* [Directions for this task]:
From the entries provided below, copy each line that contains the word "where".

* [Working data]:
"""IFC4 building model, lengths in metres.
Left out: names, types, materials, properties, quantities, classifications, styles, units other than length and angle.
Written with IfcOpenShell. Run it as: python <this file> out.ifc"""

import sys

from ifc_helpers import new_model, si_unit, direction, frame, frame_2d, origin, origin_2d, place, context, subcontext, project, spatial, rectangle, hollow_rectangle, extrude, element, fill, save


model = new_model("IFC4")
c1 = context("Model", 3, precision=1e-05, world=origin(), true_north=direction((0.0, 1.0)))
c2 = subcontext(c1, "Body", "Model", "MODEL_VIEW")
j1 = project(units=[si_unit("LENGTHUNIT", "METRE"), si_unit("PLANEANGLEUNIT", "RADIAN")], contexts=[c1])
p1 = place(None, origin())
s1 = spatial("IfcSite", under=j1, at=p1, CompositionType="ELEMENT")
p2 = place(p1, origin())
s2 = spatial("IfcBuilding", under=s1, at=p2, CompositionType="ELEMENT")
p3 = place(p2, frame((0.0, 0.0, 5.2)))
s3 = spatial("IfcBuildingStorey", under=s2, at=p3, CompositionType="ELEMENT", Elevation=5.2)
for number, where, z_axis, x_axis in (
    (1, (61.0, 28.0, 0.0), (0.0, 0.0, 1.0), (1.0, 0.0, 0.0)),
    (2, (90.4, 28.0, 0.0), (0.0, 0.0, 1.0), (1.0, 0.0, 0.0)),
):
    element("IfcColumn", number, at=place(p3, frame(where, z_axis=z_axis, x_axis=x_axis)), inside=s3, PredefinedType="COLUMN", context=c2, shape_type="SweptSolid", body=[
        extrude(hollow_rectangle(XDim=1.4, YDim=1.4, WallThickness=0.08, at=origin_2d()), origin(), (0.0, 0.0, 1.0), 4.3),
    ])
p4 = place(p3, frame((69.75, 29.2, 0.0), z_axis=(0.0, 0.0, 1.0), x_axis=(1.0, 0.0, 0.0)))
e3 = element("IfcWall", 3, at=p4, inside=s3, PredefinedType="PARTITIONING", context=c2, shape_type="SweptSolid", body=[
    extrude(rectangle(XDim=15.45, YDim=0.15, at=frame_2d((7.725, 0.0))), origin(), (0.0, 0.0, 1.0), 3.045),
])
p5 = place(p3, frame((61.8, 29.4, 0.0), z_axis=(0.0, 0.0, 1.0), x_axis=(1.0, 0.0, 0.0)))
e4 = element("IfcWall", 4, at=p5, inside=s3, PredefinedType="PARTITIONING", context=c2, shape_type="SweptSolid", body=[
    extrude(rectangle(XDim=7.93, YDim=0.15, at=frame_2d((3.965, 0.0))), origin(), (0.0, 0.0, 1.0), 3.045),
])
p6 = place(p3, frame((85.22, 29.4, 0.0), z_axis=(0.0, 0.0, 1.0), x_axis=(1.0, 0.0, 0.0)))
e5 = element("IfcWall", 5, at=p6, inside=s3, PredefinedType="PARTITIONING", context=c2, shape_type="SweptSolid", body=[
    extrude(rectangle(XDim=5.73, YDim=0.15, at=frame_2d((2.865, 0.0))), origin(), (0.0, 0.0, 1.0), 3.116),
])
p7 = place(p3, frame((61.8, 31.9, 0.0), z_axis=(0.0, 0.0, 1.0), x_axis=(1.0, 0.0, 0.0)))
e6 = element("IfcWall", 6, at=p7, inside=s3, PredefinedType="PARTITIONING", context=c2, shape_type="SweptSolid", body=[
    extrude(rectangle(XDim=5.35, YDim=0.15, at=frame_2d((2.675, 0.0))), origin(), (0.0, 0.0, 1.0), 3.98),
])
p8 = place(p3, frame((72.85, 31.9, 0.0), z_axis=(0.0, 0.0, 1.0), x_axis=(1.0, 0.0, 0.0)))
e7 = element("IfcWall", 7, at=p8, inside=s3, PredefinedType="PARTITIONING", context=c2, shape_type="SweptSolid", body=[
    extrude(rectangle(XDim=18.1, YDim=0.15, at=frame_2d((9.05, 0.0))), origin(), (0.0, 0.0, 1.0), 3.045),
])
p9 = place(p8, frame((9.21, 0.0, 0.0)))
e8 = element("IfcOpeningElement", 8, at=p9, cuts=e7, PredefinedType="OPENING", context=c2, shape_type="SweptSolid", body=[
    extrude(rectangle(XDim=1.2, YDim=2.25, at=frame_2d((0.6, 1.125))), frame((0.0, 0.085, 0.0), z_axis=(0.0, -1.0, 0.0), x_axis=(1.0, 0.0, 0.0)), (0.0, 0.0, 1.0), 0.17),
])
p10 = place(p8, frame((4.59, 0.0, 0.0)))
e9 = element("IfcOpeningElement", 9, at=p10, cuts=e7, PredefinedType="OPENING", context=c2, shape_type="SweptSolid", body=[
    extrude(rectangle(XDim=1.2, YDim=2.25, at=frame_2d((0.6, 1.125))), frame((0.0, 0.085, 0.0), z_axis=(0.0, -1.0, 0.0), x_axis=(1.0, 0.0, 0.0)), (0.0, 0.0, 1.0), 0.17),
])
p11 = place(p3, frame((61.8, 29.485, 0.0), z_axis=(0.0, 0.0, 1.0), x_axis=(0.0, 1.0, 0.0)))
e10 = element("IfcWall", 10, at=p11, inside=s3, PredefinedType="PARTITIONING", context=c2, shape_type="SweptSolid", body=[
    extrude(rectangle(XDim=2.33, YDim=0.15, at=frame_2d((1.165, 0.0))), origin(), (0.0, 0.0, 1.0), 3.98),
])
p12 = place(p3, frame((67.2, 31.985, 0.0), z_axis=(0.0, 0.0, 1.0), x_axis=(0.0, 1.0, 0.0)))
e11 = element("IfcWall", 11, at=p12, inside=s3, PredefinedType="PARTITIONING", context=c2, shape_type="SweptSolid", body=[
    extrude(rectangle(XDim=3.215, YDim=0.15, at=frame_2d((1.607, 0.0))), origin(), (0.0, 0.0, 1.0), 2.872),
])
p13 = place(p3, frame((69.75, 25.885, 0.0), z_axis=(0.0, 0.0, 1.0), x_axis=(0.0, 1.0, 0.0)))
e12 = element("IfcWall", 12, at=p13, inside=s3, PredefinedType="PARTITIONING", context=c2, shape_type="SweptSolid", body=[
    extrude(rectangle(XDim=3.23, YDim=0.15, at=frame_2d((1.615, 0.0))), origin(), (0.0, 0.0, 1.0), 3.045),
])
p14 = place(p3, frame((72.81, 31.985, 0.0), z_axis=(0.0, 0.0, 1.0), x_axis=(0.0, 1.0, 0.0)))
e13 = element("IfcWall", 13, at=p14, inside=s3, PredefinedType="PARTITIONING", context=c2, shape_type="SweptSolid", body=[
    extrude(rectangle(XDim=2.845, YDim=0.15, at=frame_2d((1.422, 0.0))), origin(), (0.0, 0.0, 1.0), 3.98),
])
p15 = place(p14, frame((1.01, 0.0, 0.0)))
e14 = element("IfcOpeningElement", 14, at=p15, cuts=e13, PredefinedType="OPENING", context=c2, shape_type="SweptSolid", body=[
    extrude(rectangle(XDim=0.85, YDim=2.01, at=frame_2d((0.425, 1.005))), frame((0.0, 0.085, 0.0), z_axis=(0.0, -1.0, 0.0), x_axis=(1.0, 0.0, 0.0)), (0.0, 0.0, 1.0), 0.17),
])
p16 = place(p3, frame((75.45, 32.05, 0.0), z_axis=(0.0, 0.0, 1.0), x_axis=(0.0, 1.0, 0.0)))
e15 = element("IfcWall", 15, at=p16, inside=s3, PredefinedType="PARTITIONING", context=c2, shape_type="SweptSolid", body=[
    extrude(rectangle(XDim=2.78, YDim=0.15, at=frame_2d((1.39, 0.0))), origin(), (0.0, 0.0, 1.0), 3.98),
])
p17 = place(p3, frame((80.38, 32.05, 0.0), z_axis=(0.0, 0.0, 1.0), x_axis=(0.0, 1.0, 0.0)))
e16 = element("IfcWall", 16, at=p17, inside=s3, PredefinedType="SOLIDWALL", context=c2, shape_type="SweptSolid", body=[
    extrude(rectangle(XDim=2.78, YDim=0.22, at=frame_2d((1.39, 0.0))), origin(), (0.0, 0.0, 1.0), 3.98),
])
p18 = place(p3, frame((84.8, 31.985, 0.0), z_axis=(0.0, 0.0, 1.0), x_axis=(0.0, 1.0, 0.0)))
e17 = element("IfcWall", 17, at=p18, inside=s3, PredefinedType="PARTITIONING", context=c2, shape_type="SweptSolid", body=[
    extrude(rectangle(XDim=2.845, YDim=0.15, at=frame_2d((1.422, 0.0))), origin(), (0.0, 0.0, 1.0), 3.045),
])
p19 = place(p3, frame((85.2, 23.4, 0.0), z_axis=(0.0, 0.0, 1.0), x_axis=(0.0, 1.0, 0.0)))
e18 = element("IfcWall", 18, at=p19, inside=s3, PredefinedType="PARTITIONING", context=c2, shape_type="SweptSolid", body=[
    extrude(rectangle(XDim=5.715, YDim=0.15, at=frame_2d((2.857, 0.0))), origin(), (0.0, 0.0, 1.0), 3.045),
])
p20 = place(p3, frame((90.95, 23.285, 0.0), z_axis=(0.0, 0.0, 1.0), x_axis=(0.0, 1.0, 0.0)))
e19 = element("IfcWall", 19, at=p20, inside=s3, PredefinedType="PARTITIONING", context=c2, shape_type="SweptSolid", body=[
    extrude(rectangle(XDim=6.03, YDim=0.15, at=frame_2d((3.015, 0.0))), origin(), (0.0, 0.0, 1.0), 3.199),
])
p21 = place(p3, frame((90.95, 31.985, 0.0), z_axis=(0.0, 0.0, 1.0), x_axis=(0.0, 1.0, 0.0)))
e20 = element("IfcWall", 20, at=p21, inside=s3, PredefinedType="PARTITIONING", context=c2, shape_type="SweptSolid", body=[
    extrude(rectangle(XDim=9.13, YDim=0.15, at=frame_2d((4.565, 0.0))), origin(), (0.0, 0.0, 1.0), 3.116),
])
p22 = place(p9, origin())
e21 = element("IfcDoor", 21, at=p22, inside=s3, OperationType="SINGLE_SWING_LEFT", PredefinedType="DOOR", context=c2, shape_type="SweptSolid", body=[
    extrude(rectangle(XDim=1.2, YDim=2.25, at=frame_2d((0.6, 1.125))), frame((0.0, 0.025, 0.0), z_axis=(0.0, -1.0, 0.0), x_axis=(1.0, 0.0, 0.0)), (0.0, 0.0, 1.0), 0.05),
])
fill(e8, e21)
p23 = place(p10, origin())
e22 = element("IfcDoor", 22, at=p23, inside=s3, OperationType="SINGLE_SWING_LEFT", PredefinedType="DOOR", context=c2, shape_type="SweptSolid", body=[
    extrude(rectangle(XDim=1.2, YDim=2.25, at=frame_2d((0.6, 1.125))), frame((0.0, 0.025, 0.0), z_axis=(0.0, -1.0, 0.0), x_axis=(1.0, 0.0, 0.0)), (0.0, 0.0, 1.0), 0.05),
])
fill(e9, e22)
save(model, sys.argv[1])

* [Expected output]:
for number, where, z_axis, x_axis in (
    element("IfcColumn", number, at=place(p3, frame(where, z_axis=z_axis, x_axis=x_axis)), inside=s3, PredefinedType="COLUMN", context=c2, shape_type="SweptSolid", body=[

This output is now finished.